§ **ACTION ITEM**: Where does the string "subcontext" appear? Copy every line of the entries below that holds it.

──────────────────────────────

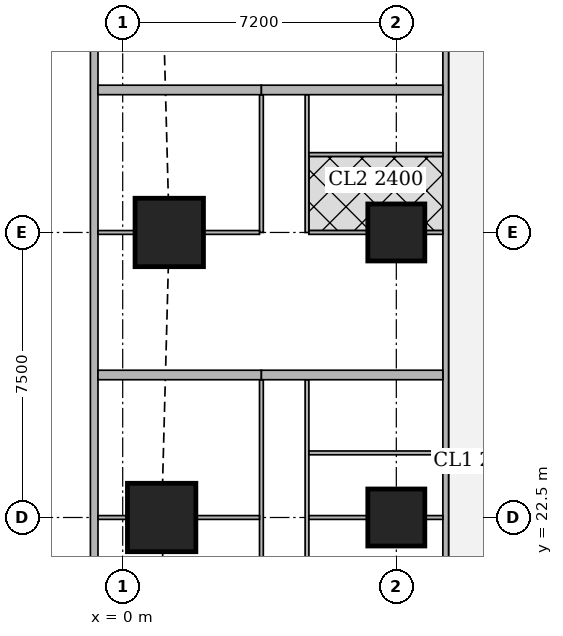
"""IFC4 building model, lengths in metres.
Left out: names, types, materials, properties, quantities, classifications, styles, units other than length and angle.
Written with IfcOpenShell. Run it as: python <this file> out.ifc"""

import sys

from ifc_helpers import new_model, si_unit, direction, frame, frame_2d, origin, origin_2d, place, context, subcontext, project, spatial, rectangle, extrude, element, fill, save


model = new_model("IFC4")
c1 = context("Model", 3, precision=1e-05, world=origin(), true_north=direction((0.0, 1.0)))
c2 = subcontext(c1, "Body", "Model", "MODEL_VIEW")
j1 = project(units=[si_unit("LENGTHUNIT", "METRE"), si_unit("PLANEANGLEUNIT", "RADIAN")], contexts=[c1])
p1 = place(None, origin())
s1 = spatial("IfcSite", under=j1, at=p1, CompositionType="ELEMENT")
p2 = place(p1, origin())
s2 = spatial("IfcBuilding", under=s1, at=p2, CompositionType="ELEMENT")
p3 = place(p2, frame((0.0, 0.0, 139.55)))
s3 = spatial("IfcBuildingStorey", under=s2, at=p3, CompositionType="ELEMENT", Elevation=139.55)
p4 = place(p3, frame((1.025, 22.5, 0.0), z_axis=(0.0, 0.0, 1.0), x_axis=(1.0, 0.0, 0.0)))
e1 = element("IfcColumn", 1, at=p4, inside=s3, PredefinedType="COLUMN", context=c2, shape_type="SweptSolid", body=[
    extrude(rectangle(XDim=1.8, YDim=1.8, at=origin_2d()), origin(), (0.0, 0.0, 1.0), 3.75),
])
p5 = place(p3, frame((7.2, 22.5, 0.0), z_axis=(0.0, 0.0, 1.0), x_axis=(1.0, 0.0, 0.0)))
e2 = element("IfcColumn", 2, at=p5, inside=s3, PredefinedType="COLUMN", context=c2, shape_type="SweptSolid", body=[
    extrude(rectangle(XDim=1.5, YDim=1.5, at=origin_2d()), origin(), (0.0, 0.0, 1.0), 3.75),
])
p6 = place(p3, frame((1.225, 30.0, 0.0), z_axis=(0.0, 0.0, 1.0), x_axis=(1.0, 0.0, 0.0)))
e3 = element("IfcColumn", 3, at=p6, inside=s3, PredefinedType="COLUMN", context=c2, shape_type="SweptSolid", body=[
    extrude(rectangle(XDim=1.8, YDim=1.8, at=origin_2d()), origin(), (0.0, 0.0, 1.0), 3.75),
])
p7 = place(p3, frame((7.2, 30.0, 0.0), z_axis=(0.0, 0.0, 1.0), x_axis=(1.0, 0.0, 0.0)))
e4 = element("IfcColumn", 4, at=p7, inside=s3, PredefinedType="COLUMN", context=c2, shape_type="SweptSolid", body=[
    extrude(rectangle(XDim=1.5, YDim=1.5, at=origin_2d()), origin(), (0.0, 0.0, 1.0), 3.75),
])
p8 = place(p3, frame((-0.75, 42.837, 0.0), z_axis=(0.0, 0.0, 1.0), x_axis=(0.0, -1.0, 0.0)))
e5 = element("IfcWall", 5, at=p8, inside=s3, PredefinedType="SOLIDWALL", context=c2, shape_type="SweptSolid", body=[
    extrude(rectangle(XDim=40.674, YDim=0.2, at=frame_2d((20.337, 0.0))), origin(), (0.0, 0.0, 1.0), 3.5),
])
p9 = place(p8, frame((1.78, 0.0, 0.9)))
e6 = element("IfcOpeningElement", 6, at=p9, cuts=e5, PredefinedType="OPENING", context=c2, shape_type="SweptSolid", body=[
    extrude(rectangle(XDim=1.8, YDim=1.5, at=frame_2d((0.9, 0.75))), frame((0.0, 0.11, 0.0), z_axis=(0.0, -1.0, 0.0), x_axis=(1.0, 0.0, 0.0)), (0.0, 0.0, 1.0), 0.22),
])
p10 = place(p8, frame((6.312, 0.0, 0.9)))
e7 = element("IfcOpeningElement", 7, at=p10, cuts=e5, PredefinedType="OPENING", context=c2, shape_type="SweptSolid", body=[
    extrude(rectangle(XDim=1.8, YDim=1.5, at=frame_2d((0.9, 0.75))), frame((0.0, 0.11, 0.0), z_axis=(0.0, -1.0, 0.0), x_axis=(1.0, 0.0, 0.0)), (0.0, 0.0, 1.0), 0.22),
])
p11 = place(p8, frame((10.062, 0.0, 0.9)))
e8 = element("IfcOpeningElement", 8, at=p11, cuts=e5, PredefinedType="OPENING", context=c2, shape_type="SweptSolid", body=[
    extrude(rectangle(XDim=1.8, YDim=1.5, at=frame_2d((0.9, 0.75))), frame((0.0, 0.11, 0.0), z_axis=(0.0, -1.0, 0.0), x_axis=(1.0, 0.0, 0.0)), (0.0, 0.0, 1.0), 0.22),
])
p12 = place(p8, frame((13.812, 0.0, 0.9)))
e9 = element("IfcOpeningElement", 9, at=p12, cuts=e5, PredefinedType="OPENING", context=c2, shape_type="SweptSolid", body=[
    extrude(rectangle(XDim=1.8, YDim=1.5, at=frame_2d((0.9, 0.75))), frame((0.0, 0.11, 0.0), z_axis=(0.0, -1.0, 0.0), x_axis=(1.0, 0.0, 0.0)), (0.0, 0.0, 1.0), 0.22),
])
p13 = place(p8, frame((17.562, 0.0, 0.9)))
e10 = element("IfcOpeningElement", 10, at=p13, cuts=e5, PredefinedType="OPENING", context=c2, shape_type="SweptSolid", body=[
    extrude(rectangle(XDim=1.8, YDim=1.5, at=frame_2d((0.9, 0.75))), frame((0.0, 0.11, 0.0), z_axis=(0.0, -1.0, 0.0), x_axis=(1.0, 0.0, 0.0)), (0.0, 0.0, 1.0), 0.22),
])
p14 = place(p8, frame((21.312, 0.0, 0.9)))
e11 = element("IfcOpeningElement", 11, at=p14, cuts=e5, PredefinedType="OPENING", context=c2, shape_type="SweptSolid", body=[
    extrude(rectangle(XDim=1.8, YDim=1.5, at=frame_2d((0.9, 0.75))), frame((0.0, 0.11, 0.0), z_axis=(0.0, -1.0, 0.0), x_axis=(1.0, 0.0, 0.0)), (0.0, 0.0, 1.0), 0.22),
])
p15 = place(p8, frame((25.062, 0.0, 0.9)))
e12 = element("IfcOpeningElement", 12, at=p15, cuts=e5, PredefinedType="OPENING", context=c2, shape_type="SweptSolid", body=[
    extrude(rectangle(XDim=1.8, YDim=1.5, at=frame_2d((0.9, 0.75))), frame((0.0, 0.11, 0.0), z_axis=(0.0, -1.0, 0.0), x_axis=(1.0, 0.0, 0.0)), (0.0, 0.0, 1.0), 0.22),
])
p16 = place(p8, frame((28.812, 0.0, 0.9)))
e13 = element("IfcOpeningElement", 13, at=p16, cuts=e5, PredefinedType="OPENING", context=c2, shape_type="SweptSolid", body=[
    extrude(rectangle(XDim=1.8, YDim=1.5, at=frame_2d((0.9, 0.75))), frame((0.0, 0.11, 0.0), z_axis=(0.0, -1.0, 0.0), x_axis=(1.0, 0.0, 0.0)), (0.0, 0.0, 1.0), 0.22),
])
p17 = place(p8, frame((32.562, 0.0, 0.9)))
e14 = element("IfcOpeningElement", 14, at=p17, cuts=e5, PredefinedType="OPENING", context=c2, shape_type="SweptSolid", body=[
    extrude(rectangle(XDim=1.8, YDim=1.5, at=frame_2d((0.9, 0.75))), frame((0.0, 0.11, 0.0), z_axis=(0.0, -1.0, 0.0), x_axis=(1.0, 0.0, 0.0)), (0.0, 0.0, 1.0), 0.22),
])
p18 = place(p8, frame((37.094, 0.0, 0.9)))
e15 = element("IfcOpeningElement", 15, at=p18, cuts=e5, PredefinedType="OPENING", context=c2, shape_type="SweptSolid", body=[
    extrude(rectangle(XDim=1.8, YDim=1.5, at=frame_2d((0.9, 0.75))), frame((0.0, 0.11, 0.0), z_axis=(0.0, -1.0, 0.0), x_axis=(1.0, 0.0, 0.0)), (0.0, 0.0, 1.0), 0.22),
])
p19 = place(p3, frame((8.5, 1.964, 0.0), z_axis=(0.0, 0.0, 1.0), x_axis=(0.0, 1.0, 0.0)))
e16 = element("IfcWall", 16, at=p19, inside=s3, PredefinedType="SOLIDWALL", context=c2, shape_type="SweptSolid", body=[
    extrude(rectangle(XDim=41.097, YDim=0.15, at=frame_2d((20.548, 0.0))), origin(), (0.0, 0.0, 1.0), 3.5),
])
p20 = place(p19, frame((6.911, 0.0, 0.0)))
e17 = element("IfcOpeningElement", 17, at=p20, cuts=e16, PredefinedType="OPENING", context=c2, shape_type="SweptSolid", body=[
    extrude(rectangle(XDim=1.0, YDim=2.1, at=frame_2d((0.5, 1.05))), frame((0.0, 0.085, 0.0), z_axis=(0.0, -1.0, 0.0), x_axis=(1.0, 0.0, 0.0)), (0.0, 0.0, 1.0), 0.17),
])
p21 = place(p19, frame((10.661, 0.0, 0.0)))
e18 = element("IfcOpeningElement", 18, at=p21, cuts=e16, PredefinedType="OPENING", context=c2, shape_type="SweptSolid", body=[
    extrude(rectangle(XDim=1.0, YDim=2.1, at=frame_2d((0.5, 1.05))), frame((0.0, 0.085, 0.0), z_axis=(0.0, -1.0, 0.0), x_axis=(1.0, 0.0, 0.0)), (0.0, 0.0, 1.0), 0.17),
])
p22 = place(p19, frame((25.661, 0.0, 0.0)))
e19 = element("IfcOpeningElement", 19, at=p22, cuts=e16, PredefinedType="OPENING", context=c2, shape_type="SweptSolid", body=[
    extrude(rectangle(XDim=1.0, YDim=2.1, at=frame_2d((0.5, 1.05))), frame((0.0, 0.085, 0.0), z_axis=(0.0, -1.0, 0.0), x_axis=(1.0, 0.0, 0.0)), (0.0, 0.0, 1.0), 0.17),
])
p23 = place(p19, frame((33.161, 0.0, 0.0)))
e20 = element("IfcOpeningElement", 20, at=p23, cuts=e16, PredefinedType="OPENING", context=c2, shape_type="SweptSolid", body=[
    extrude(rectangle(XDim=1.0, YDim=2.1, at=frame_2d((0.5, 1.05))), frame((0.0, 0.085, 0.0), z_axis=(0.0, -1.0, 0.0), x_axis=(1.0, 0.0, 0.0)), (0.0, 0.0, 1.0), 0.17),
])
p24 = place(p3, frame((3.65, 15.0, 0.0), z_axis=(0.0, 0.0, 1.0), x_axis=(0.0, 1.0, 0.0)))
e21 = element("IfcWall", 21, at=p24, inside=s3, PredefinedType="PARTITIONING", context=c2, shape_type="SweptSolid", body=[
    extrude(rectangle(XDim=11.125, YDim=0.1, at=frame_2d((5.562, 0.0))), origin(), (0.0, 0.0, 1.0), 3.5),
])
p25 = place(p24, frame((0.2, 0.0, 0.0)))
e22 = element("IfcOpeningElement", 22, at=p25, cuts=e21, PredefinedType="OPENING", context=c2, shape_type="SweptSolid", body=[
    extrude(rectangle(XDim=0.9, YDim=2.1, at=frame_2d((0.45, 1.05))), frame((0.0, 0.06, 0.0), z_axis=(0.0, -1.0, 0.0), x_axis=(1.0, 0.0, 0.0)), (0.0, 0.0, 1.0), 0.12),
])
p26 = place(p24, frame((3.95, 0.0, 0.0)))
e23 = element("IfcOpeningElement", 23, at=p26, cuts=e21, PredefinedType="OPENING", context=c2, shape_type="SweptSolid", body=[
    extrude(rectangle(XDim=0.9, YDim=2.1, at=frame_2d((0.45, 1.05))), frame((0.0, 0.06, 0.0), z_axis=(0.0, -1.0, 0.0), x_axis=(1.0, 0.0, 0.0)), (0.0, 0.0, 1.0), 0.12),
])
p27 = place(p24, frame((7.7, 0.0, 0.0)))
e24 = element("IfcOpeningElement", 24, at=p27, cuts=e21, PredefinedType="OPENING", context=c2, shape_type="SweptSolid", body=[
    extrude(rectangle(XDim=0.9, YDim=2.1, at=frame_2d((0.45, 1.05))), frame((0.0, 0.06, 0.0), z_axis=(0.0, -1.0, 0.0), x_axis=(1.0, 0.0, 0.0)), (0.0, 0.0, 1.0), 0.12),
])
p28 = place(p3, frame((4.85, 15.0, 0.0), z_axis=(0.0, 0.0, 1.0), x_axis=(0.0, 1.0, 0.0)))
e25 = element("IfcWall", 25, at=p28, inside=s3, PredefinedType="PARTITIONING", context=c2, shape_type="SweptSolid", body=[
    extrude(rectangle(XDim=11.125, YDim=0.1, at=frame_2d((5.562, 0.0))), origin(), (0.0, 0.0, 1.0), 3.5),
])
p29 = place(p28, frame((0.575, 0.0, 0.0)))
e26 = element("IfcOpeningElement", 26, at=p29, cuts=e25, PredefinedType="OPENING", context=c2, shape_type="SweptSolid", body=[
    extrude(rectangle(XDim=0.9, YDim=2.1, at=frame_2d((0.45, 1.05))), frame((0.0, 0.06, 0.0), z_axis=(0.0, -1.0, 0.0), x_axis=(1.0, 0.0, 0.0)), (0.0, 0.0, 1.0), 0.12),
])
p30 = place(p28, frame((4.1, 0.0, 0.0)))
e27 = element("IfcOpeningElement", 27, at=p30, cuts=e25, PredefinedType="OPENING", context=c2, shape_type="SweptSolid", body=[
    extrude(rectangle(XDim=0.9, YDim=2.1, at=frame_2d((0.45, 1.05))), frame((0.0, 0.06, 0.0), z_axis=(0.0, -1.0, 0.0), x_axis=(1.0, 0.0, 0.0)), (0.0, 0.0, 1.0), 0.12),
])
p31 = place(p28, frame((7.9, 0.0, 0.0)))
e28 = element("IfcOpeningElement", 28, at=p31, cuts=e25, PredefinedType="OPENING", context=c2, shape_type="SweptSolid", body=[
    extrude(rectangle(XDim=0.9, YDim=2.1, at=frame_2d((0.45, 1.05))), frame((0.0, 0.06, 0.0), z_axis=(0.0, -1.0, 0.0), x_axis=(1.0, 0.0, 0.0)), (0.0, 0.0, 1.0), 0.12),
])
p32 = place(p28, frame((2.45, 0.0, 0.0)))
e29 = element("IfcOpeningElement", 29, at=p32, cuts=e25, PredefinedType="OPENING", context=c2, shape_type="SweptSolid", body=[
    extrude(rectangle(XDim=0.9, YDim=2.1, at=frame_2d((0.45, 1.05))), frame((0.0, 0.06, 0.0), z_axis=(0.0, -1.0, 0.0), x_axis=(1.0, 0.0, 0.0)), (0.0, 0.0, 1.0), 0.12),
])
p33 = place(p28, frame((5.975, 0.0, 0.0)))
e30 = element("IfcOpeningElement", 30, at=p33, cuts=e25, PredefinedType="OPENING", context=c2, shape_type="SweptSolid", body=[
    extrude(rectangle(XDim=0.9, YDim=2.1, at=frame_2d((0.45, 1.05))), frame((0.0, 0.06, 0.0), z_axis=(0.0, -1.0, 0.0), x_axis=(1.0, 0.0, 0.0)), (0.0, 0.0, 1.0), 0.12),
])
p34 = place(p28, frame((9.775, 0.0, 0.0)))
e31 = element("IfcOpeningElement", 31, at=p34, cuts=e25, PredefinedType="OPENING", context=c2, shape_type="SweptSolid", body=[
    extrude(rectangle(XDim=0.9, YDim=2.1, at=frame_2d((0.45, 1.05))), frame((0.0, 0.06, 0.0), z_axis=(0.0, -1.0, 0.0), x_axis=(1.0, 0.0, 0.0)), (0.0, 0.0, 1.0), 0.12),
])
p35 = place(p3, frame((-0.65, 22.5, 0.0), z_axis=(0.0, 0.0, 1.0), x_axis=(1.0, 0.0, 0.0)))
e32 = element("IfcWall", 32, at=p35, inside=s3, PredefinedType="PARTITIONING", context=c2, shape_type="SweptSolid", body=[
    extrude(rectangle(XDim=0.774, YDim=0.1, at=frame_2d((0.387, 0.0))), origin(), (0.0, 0.0, 1.0), 3.5),
])
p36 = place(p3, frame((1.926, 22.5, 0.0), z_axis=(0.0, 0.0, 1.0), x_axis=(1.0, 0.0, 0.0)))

──────────────────────────────

§ **EXERCISE RESPONSE**:
from ifc_helpers import new_model, si_unit, direction, frame, frame_2d, origin, origin_2d, place, context, subcontext, project, spatial, rectangle, extrude, element, fill, save
c2 = subcontext(c1, "Body", "Model", "MODEL_VIEW")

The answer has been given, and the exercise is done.